[Excerpts from a dataset]

↓↓↓

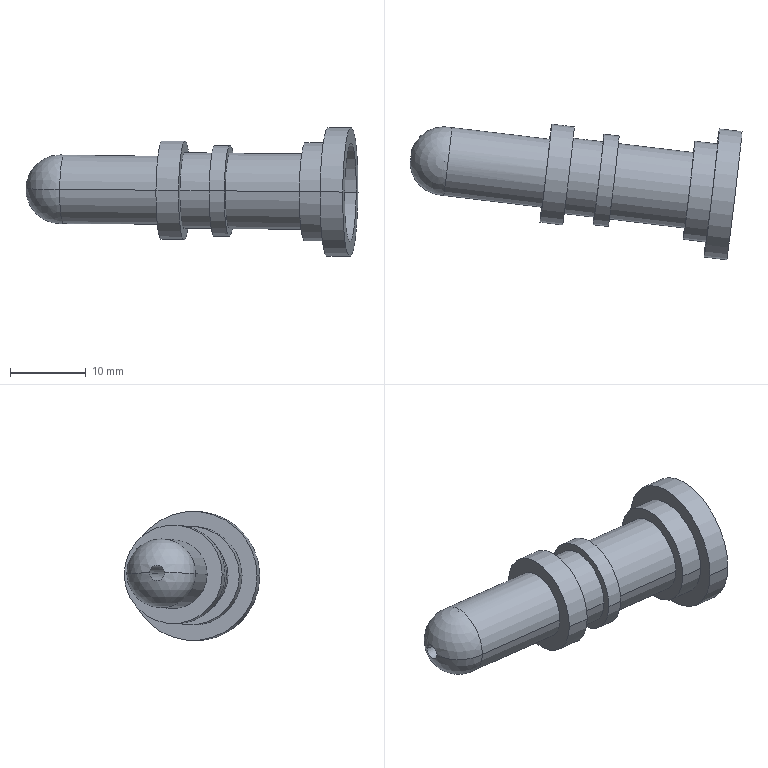Component | SolidWorks | Part12-1 | 1 solid | 29 faces | box 43.71 x 17.85 x 17.03 mm | volume 3533 mm3 | cylinder 18 | plane 9 | sphere 2 | commonest cylinder face diameters 13 x6 10 x4 2 x2 9 x2 12 x2 17 x2 | material 45
build123d program:
from build123d import *

# Parameters (mm, degrees)
SKETCH1_R                = 5
BOSS_EXTRUDE1_DEPTH      = 3
SKETCH2_R                = 6.5
BOSS_EXTRUDE2_DEPTH      = 4
BOSS_EXTRUDE3_DEPTH      = 2
BOSS_EXTRUDE3_DEPTH_BACK = 1
SKETCH3_R                = 8.5
SKETCH3_R_2              = 6.5
SKETCH4_R                = 5
BOSS_EXTRUDE4_DEPTH      = 9
SKETCH5_R                = 6
BOSS_EXTRUDE5_DEPTH      = 2
SKETCH7_R                = 5
BOSS_EXTRUDE6_DEPTH      = 4
BOSS_EXTRUDE7_START      = 3
SKETCH8_R                = 6.5
BOSS_EXTRUDE7_DEPTH      = 3
SKETCH10_R               = 4.5
BOSS_EXTRUDE8_DEPTH      = 13
DOME1_FACE_RADIUS        = 4.5
DOME1_HEIGHT             = 5
SKETCH11_R               = 1
CUT_EXTRUDE1_DEPTH       = 26


with BuildPart() as part:
    # Sketch1 → Boss-Extrude1 (new body)
    with BuildSketch(Plane.XY):
        with Locations((3, 0)):
            Circle(SKETCH1_R)
    extrude(amount=-BOSS_EXTRUDE1_DEPTH)

    # Sketch2 → Boss-Extrude2 (add)
    with BuildSketch(Plane.XY):
        with Locations((3, 0)):
            Circle(SKETCH2_R)
    extrude(amount=BOSS_EXTRUDE2_DEPTH)

    # Sketch3 → Boss-Extrude3 (add, two sides: drawn at the far end of the back side and taken through both)
    with BuildSketch(Plane.XY.offset(4).offset(-BOSS_EXTRUDE3_DEPTH_BACK)):
        with Locations((3, 0)):
            Circle(SKETCH3_R)
        with Locations((3, 0)):
            Circle(SKETCH3_R_2, mode=Mode.SUBTRACT)
    extrude(amount=BOSS_EXTRUDE3_DEPTH + BOSS_EXTRUDE3_DEPTH_BACK)

    # Sketch4 → Boss-Extrude4 (add)
    with BuildSketch(Plane(origin=(0, 0, -3), x_dir=(-1, 0, 0), z_dir=(0, 0, -1))):
        with Locations(Location((-3, 0, 0), (0, 0, 180))):
            Circle(SKETCH4_R)
    extrude(amount=BOSS_EXTRUDE4_DEPTH)

    # Sketch5 → Boss-Extrude5 (add)
    with BuildSketch(Plane(origin=(0, 0, -12), x_dir=(-1, 0, 0), z_dir=(0, 0, -1))):
        with Locations((-3, 0)):
            Circle(SKETCH5_R)
    extrude(amount=-BOSS_EXTRUDE5_DEPTH)

    # Sketch7 → Boss-Extrude6 (add)
    with BuildSketch(Plane(origin=(0, 0, -12), x_dir=(-1, 0, 0), z_dir=(0, 0, -1))):
        with Locations(Location((-3, 0, 0), (0, 0, 180))):
            Circle(SKETCH7_R)
    extrude(amount=BOSS_EXTRUDE6_DEPTH)

    # Sketch8 → Boss-Extrude7 (add)
    with BuildSketch(Plane(origin=(0, 0, -16), x_dir=(-1, 0, 0), z_dir=(0, 0, -1)).offset(BOSS_EXTRUDE7_START)):
        with Locations(Location((-3, 0, 0), (0, 0, 180))):
            Circle(SKETCH8_R)
    extrude(amount=-BOSS_EXTRUDE7_DEPTH)

    # Sketch10 → Boss-Extrude8 (add)
    with BuildSketch(Plane(origin=(0, 0, -19), x_dir=(-1, 0, 0), z_dir=(0, 0, -1))):
        with Locations((-3, 0)):
            Circle(SKETCH10_R)
    extrude(amount=BOSS_EXTRUDE8_DEPTH)

    # Dome1: a dome of height H over a round flat face of radius A is a cap of a sphere of radius (A * A + H * H) / (2 * H)
    dome1_r = (DOME1_FACE_RADIUS * DOME1_FACE_RADIUS + DOME1_HEIGHT * DOME1_HEIGHT) / (2 * DOME1_HEIGHT)
    dome1_base = Plane((3, 0, -32), z_dir=(0, 0, -1))
    with Locations(dome1_base.offset(DOME1_HEIGHT - dome1_r)):
        dome1_ball = Sphere(dome1_r, mode=Mode.PRIVATE)
    add(split(dome1_ball, bisect_by=dome1_base, keep=Keep.TOP, mode=Mode.PRIVATE))

    # Sketch11 → Cut-Extrude1 (cut)
    with BuildSketch(Plane(origin=(0, 0, -19), x_dir=(-1, 0, 0), z_dir=(0, 0, -1))):
        with Locations(Location((-3, 0, 0), (0, 0, 180))):
            Circle(SKETCH11_R)
    extrude(amount=CUT_EXTRUDE1_DEPTH, mode=Mode.SUBTRACT)


solid = part.part

# Placed as in the assembly
solid = solid.moved(Location((7.17, 63.338, -1.925), (94.698, 83.182, -4.568)))
STEP:
#1=COLOUR_RGB('',0.7922,0.8196,0.9333);
#2=FILL_AREA_STYLE_COLOUR('',#1);
#3=FILL_AREA_STYLE('',(#2));
#4=SURFACE_STYLE_FILL_AREA(#3);
#5=SURFACE_SIDE_STYLE('',(#4));
#6=SURFACE_STYLE_USAGE(.BOTH.,#5);
#7=PRESENTATION_STYLE_ASSIGNMENT((#6));
#8=CARTESIAN_POINT('',(-1.141,2.822,-0.0615));
#9=VERTEX_POINT('',#8);
#10=CARTESIAN_POINT('',(-1.15,2.744,-0.06141));
#11=VERTEX_POINT('',#10);
#12=CARTESIAN_POINT('',(-1.146,2.783,-0.06145));
#13=DIRECTION('',(0.9929,-0.1183,-0.009724));
#14=DIRECTION('',(-0.1183,-0.993,0.001159));
#15=AXIS2_PLACEMENT_3D('',#12,#13,#14);
#16=CIRCLE('',#15,0.03937);
#17=EDGE_CURVE('',#9,#11,#16,.T.);
#18=ORIENTED_EDGE('',*,*,#17,.F.);
#19=CARTESIAN_POINT('',(-0.4418,2.738,-0.06835));
#20=VERTEX_POINT('',#19);
#21=CARTESIAN_POINT('',(-1.458,2.86,-0.05839));
#22=DIRECTION('',(0.9929,-0.1183,-0.009724));
#23=VECTOR('',#22,39.37);
#24=LINE('',#21,#23);
#25=EDGE_CURVE('',#9,#20,#24,.T.);
#26=ORIENTED_EDGE('',*,*,#25,.T.);
#27=CARTESIAN_POINT('',(-0.4511,2.66,-0.06826));
#28=VERTEX_POINT('',#27);
#29=CARTESIAN_POINT('',(-0.4465,2.699,-0.0683));
#30=DIRECTION('',(-0.9929,0.1183,0.009724));
#31=DIRECTION('',(0.1183,0.993,-0.001159));
#32=AXIS2_PLACEMENT_3D('',#29,#30,#31);
#33=CIRCLE('',#32,0.03937);
#34=EDGE_CURVE('',#28,#20,#33,.T.);
#35=ORIENTED_EDGE('',*,*,#34,.F.);
#36=CARTESIAN_POINT('',(-1.468,2.781,-0.0583));
#37=DIRECTION('',(0.9929,-0.1183,-0.009724));
#38=VECTOR('',#37,39.37);
#39=LINE('',#36,#38);
#40=EDGE_CURVE('',#11,#28,#39,.T.);
#41=ORIENTED_EDGE('',*,*,#40,.F.);
#42=EDGE_LOOP('',(#18,#26,#35,#41));
#43=FACE_OUTER_BOUND('',#42,.T.);
#44=CARTESIAN_POINT('',(-1.463,2.821,-0.05835));
#45=DIRECTION('',(0.9929,-0.1183,-0.009724));
#46=DIRECTION('',(-0.1183,-0.993,0.001159));
#47=AXIS2_PLACEMENT_3D('',#44,#45,#46);
#48=CYLINDRICAL_SURFACE('',#47,0.03937);
#49=ADVANCED_FACE('',(#43),#48,.F.);
#50=CARTESIAN_POINT('',(-0.9337,2.936,-0.06353));
#51=VERTEX_POINT('',#50);
#52=CARTESIAN_POINT('',(-0.9756,2.584,-0.06312));
#53=VERTEX_POINT('',#52);
#54=CARTESIAN_POINT('',(-0.9547,2.76,-0.06333));
#55=DIRECTION('',(-0.9929,0.1183,0.009724));
#56=DIRECTION('',(0.1183,0.993,-0.001159));
#57=AXIS2_PLACEMENT_3D('',#54,#55,#56);
#58=CIRCLE('',#57,0.1772);
#59=EDGE_CURVE('',#51,#53,#58,.T.);
#60=ORIENTED_EDGE('',*,*,#59,.F.);
#61=CARTESIAN_POINT('',(-0.4255,2.875,-0.06851));
#62=VERTEX_POINT('',#61);
#63=CARTESIAN_POINT('',(-0.9337,2.936,-0.06353));
#64=DIRECTION('',(0.9929,-0.1183,-0.009724));
#65=VECTOR('',#64,39.37);
#66=LINE('',#63,#65);
#67=EDGE_CURVE('',#51,#62,#66,.T.);
#68=ORIENTED_EDGE('',*,*,#67,.T.);
#69=CARTESIAN_POINT('',(-0.4674,2.523,-0.0681));
#70=VERTEX_POINT('',#69);
#71=CARTESIAN_POINT('',(-0.4465,2.699,-0.0683));
#72=DIRECTION('',(-0.9929,0.1183,0.009724));
#73=DIRECTION('',(0.1183,0.993,-0.001159));
#74=AXIS2_PLACEMENT_3D('',#71,#72,#73);
#75=CIRCLE('',#74,0.1772);
#76=EDGE_CURVE('',#62,#70,#75,.T.);
#77=ORIENTED_EDGE('',*,*,#76,.T.);
#78=CARTESIAN_POINT('',(-0.9756,2.584,-0.06312));
#79=DIRECTION('',(0.9929,-0.1183,-0.009724));
#80=VECTOR('',#79,39.37);
#81=LINE('',#78,#80);
#82=EDGE_CURVE('',#53,#70,#81,.T.);
#83=ORIENTED_EDGE('',*,*,#82,.F.);
#84=EDGE_LOOP('',(#60,#68,#77,#83));
#85=FACE_OUTER_BOUND('',#84,.T.);
#86=CARTESIAN_POINT('',(-0.9547,2.76,-0.06333));
#87=DIRECTION('',(0.9929,-0.1183,-0.009724));
#88=DIRECTION('',(-0.1183,-0.993,0.001159));
#89=AXIS2_PLACEMENT_3D('',#86,#87,#88);
#90=CYLINDRICAL_SURFACE('',#89,0.1772);
#91=ADVANCED_FACE('',(#85),#90,.T.);
#92=CARTESIAN_POINT('',(-0.4162,2.954,-0.0686));
#93=VERTEX_POINT('',#92);
#94=CARTESIAN_POINT('',(-0.4767,2.445,-0.06801));
#95=VERTEX_POINT('',#94);
#96=CARTESIAN_POINT('',(-0.4465,2.699,-0.0683));
#97=DIRECTION('',(-0.9929,0.1183,0.009724));
#98=DIRECTION('',(0.1183,0.993,-0.001159));
#99=AXIS2_PLACEMENT_3D('',#96,#97,#98);
#100=CIRCLE('',#99,0.2559);
#101=EDGE_CURVE('',#93,#95,#100,.T.);
#102=ORIENTED_EDGE('',*,*,#101,.F.);
#103=CARTESIAN_POINT('',(-0.2989,2.94,-0.06975));
#104=VERTEX_POINT('',#103);
#105=CARTESIAN_POINT('',(-0.4162,2.954,-0.0686));
#106=DIRECTION('',(0.9929,-0.1183,-0.009724));
#107=VECTOR('',#106,39.37);
#108=LINE('',#105,#107);
#109=EDGE_CURVE('',#93,#104,#108,.T.);
#110=ORIENTED_EDGE('',*,*,#109,.T.);
#111=CARTESIAN_POINT('',(-0.3595,2.431,-0.06915));
#112=VERTEX_POINT('',#111);
#113=CARTESIAN_POINT('',(-0.3292,2.685,-0.06945));
#114=DIRECTION('',(-0.9929,0.1183,0.009724));
#115=DIRECTION('',(0.1183,0.993,-0.001159));
#116=AXIS2_PLACEMENT_3D('',#113,#114,#115);
#117=CIRCLE('',#116,0.2559);
#118=EDGE_CURVE('',#104,#112,#117,.T.);
#119=ORIENTED_EDGE('',*,*,#118,.T.);
#120=CARTESIAN_POINT('',(-0.4767,2.445,-0.06801));
#121=DIRECTION('',(0.9929,-0.1183,-0.009724));
#122=VECTOR('',#121,39.37);
#123=LINE('',#120,#122);
#124=EDGE_CURVE('',#95,#112,#123,.T.);
#125=ORIENTED_EDGE('',*,*,#124,.F.);
#126=EDGE_LOOP('',(#102,#110,#119,#125));
#127=FACE_OUTER_BOUND('',#126,.T.);
#128=CARTESIAN_POINT('',(-0.4465,2.699,-0.0683));
#129=DIRECTION('',(0.9929,-0.1183,-0.009724));
#130=DIRECTION('',(-0.1183,-0.993,0.001159));
#131=AXIS2_PLACEMENT_3D('',#128,#129,#130);
#132=CYLINDRICAL_SURFACE('',#131,0.2559);
#133=ADVANCED_FACE('',(#127),#132,.T.);
#134=CARTESIAN_POINT('',(-0.3059,2.881,-0.06968));
#135=VERTEX_POINT('',#134);
#136=CARTESIAN_POINT('',(-0.3525,2.49,-0.06922));
#137=VERTEX_POINT('',#136);
#138=CARTESIAN_POINT('',(-0.3292,2.685,-0.06945));
#139=DIRECTION('',(-0.9929,0.1183,0.009724));
#140=DIRECTION('',(0.1183,0.993,-0.001159));
#141=AXIS2_PLACEMENT_3D('',#138,#139,#140);
#142=CIRCLE('',#141,0.1969);
#143=EDGE_CURVE('',#135,#137,#142,.T.);
#144=ORIENTED_EDGE('',*,*,#143,.F.);
#145=CARTESIAN_POINT('',(-0.1495,2.862,-0.07121));
#146=VERTEX_POINT('',#145);
#147=CARTESIAN_POINT('',(-0.3059,2.881,-0.06968));
#148=DIRECTION('',(0.9929,-0.1183,-0.009724));
#149=VECTOR('',#148,39.37);
#150=LINE('',#147,#149);
#151=EDGE_CURVE('',#135,#146,#150,.T.);
#152=ORIENTED_EDGE('',*,*,#151,.T.);
#153=CARTESIAN_POINT('',(-0.1961,2.471,-0.07075));
#154=VERTEX_POINT('',#153);
#155=CARTESIAN_POINT('',(-0.1728,2.667,-0.07098));
#156=DIRECTION('',(-0.9929,0.1183,0.009724));
#157=DIRECTION('',(0.1183,0.993,-0.001159));
#158=AXIS2_PLACEMENT_3D('',#155,#156,#157);
#159=CIRCLE('',#158,0.1969);
#160=EDGE_CURVE('',#146,#154,#159,.T.);
#161=ORIENTED_EDGE('',*,*,#160,.T.);
#162=CARTESIAN_POINT('',(-0.3525,2.49,-0.06922));
#163=DIRECTION('',(0.9929,-0.1183,-0.009724));
#164=VECTOR('',#163,39.37);
#165=LINE('',#162,#164);
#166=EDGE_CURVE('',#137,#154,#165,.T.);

↑↑↑

§ Work to be completed
Copy out only the lines of the records above from the one with "#76=EDGE_CURVE('',#62,#70,#75,.T.);" through the one with "#101=EDGE_CURVE('',#93,#95,#100,.T.);", exactly as they stand, both included.

§ Task answer
#76=EDGE_CURVE('',#62,#70,#75,.T.);
#77=ORIENTED_EDGE('',*,*,#76,.T.);
#78=CARTESIAN_POINT('',(-0.9756,2.584,-0.06312));
#79=DIRECTION('',(0.9929,-0.1183,-0.009724));
#80=VECTOR('',#79,39.37);
#81=LINE('',#78,#80);
#82=EDGE_CURVE('',#53,#70,#81,.T.);
#83=ORIENTED_EDGE('',*,*,#82,.F.);
#84=EDGE_LOOP('',(#60,#68,#77,#83));
#85=FACE_OUTER_BOUND('',#84,.T.);
#86=CARTESIAN_POINT('',(-0.9547,2.76,-0.06333));
#87=DIRECTION('',(0.9929,-0.1183,-0.009724));
#88=DIRECTION('',(-0.1183,-0.993,0.001159));
#89=AXIS2_PLACEMENT_3D('',#86,#87,#88);
#90=CYLINDRICAL_SURFACE('',#89,0.1772);
#91=ADVANCED_FACE('',(#85),#90,.T.);
#92=CARTESIAN_POINT('',(-0.4162,2.954,-0.0686));
#93=VERTEX_POINT('',#92);
#94=CARTESIAN_POINT('',(-0.4767,2.445,-0.06801));
#95=VERTEX_POINT('',#94);
#96=CARTESIAN_POINT('',(-0.4465,2.699,-0.0683));
#97=DIRECTION('',(-0.9929,0.1183,0.009724));
#98=DIRECTION('',(0.1183,0.993,-0.001159));
#99=AXIS2_PLACEMENT_3D('',#96,#97,#98);
#100=CIRCLE('',#99,0.2559);
#101=EDGE_CURVE('',#93,#95,#100,.T.);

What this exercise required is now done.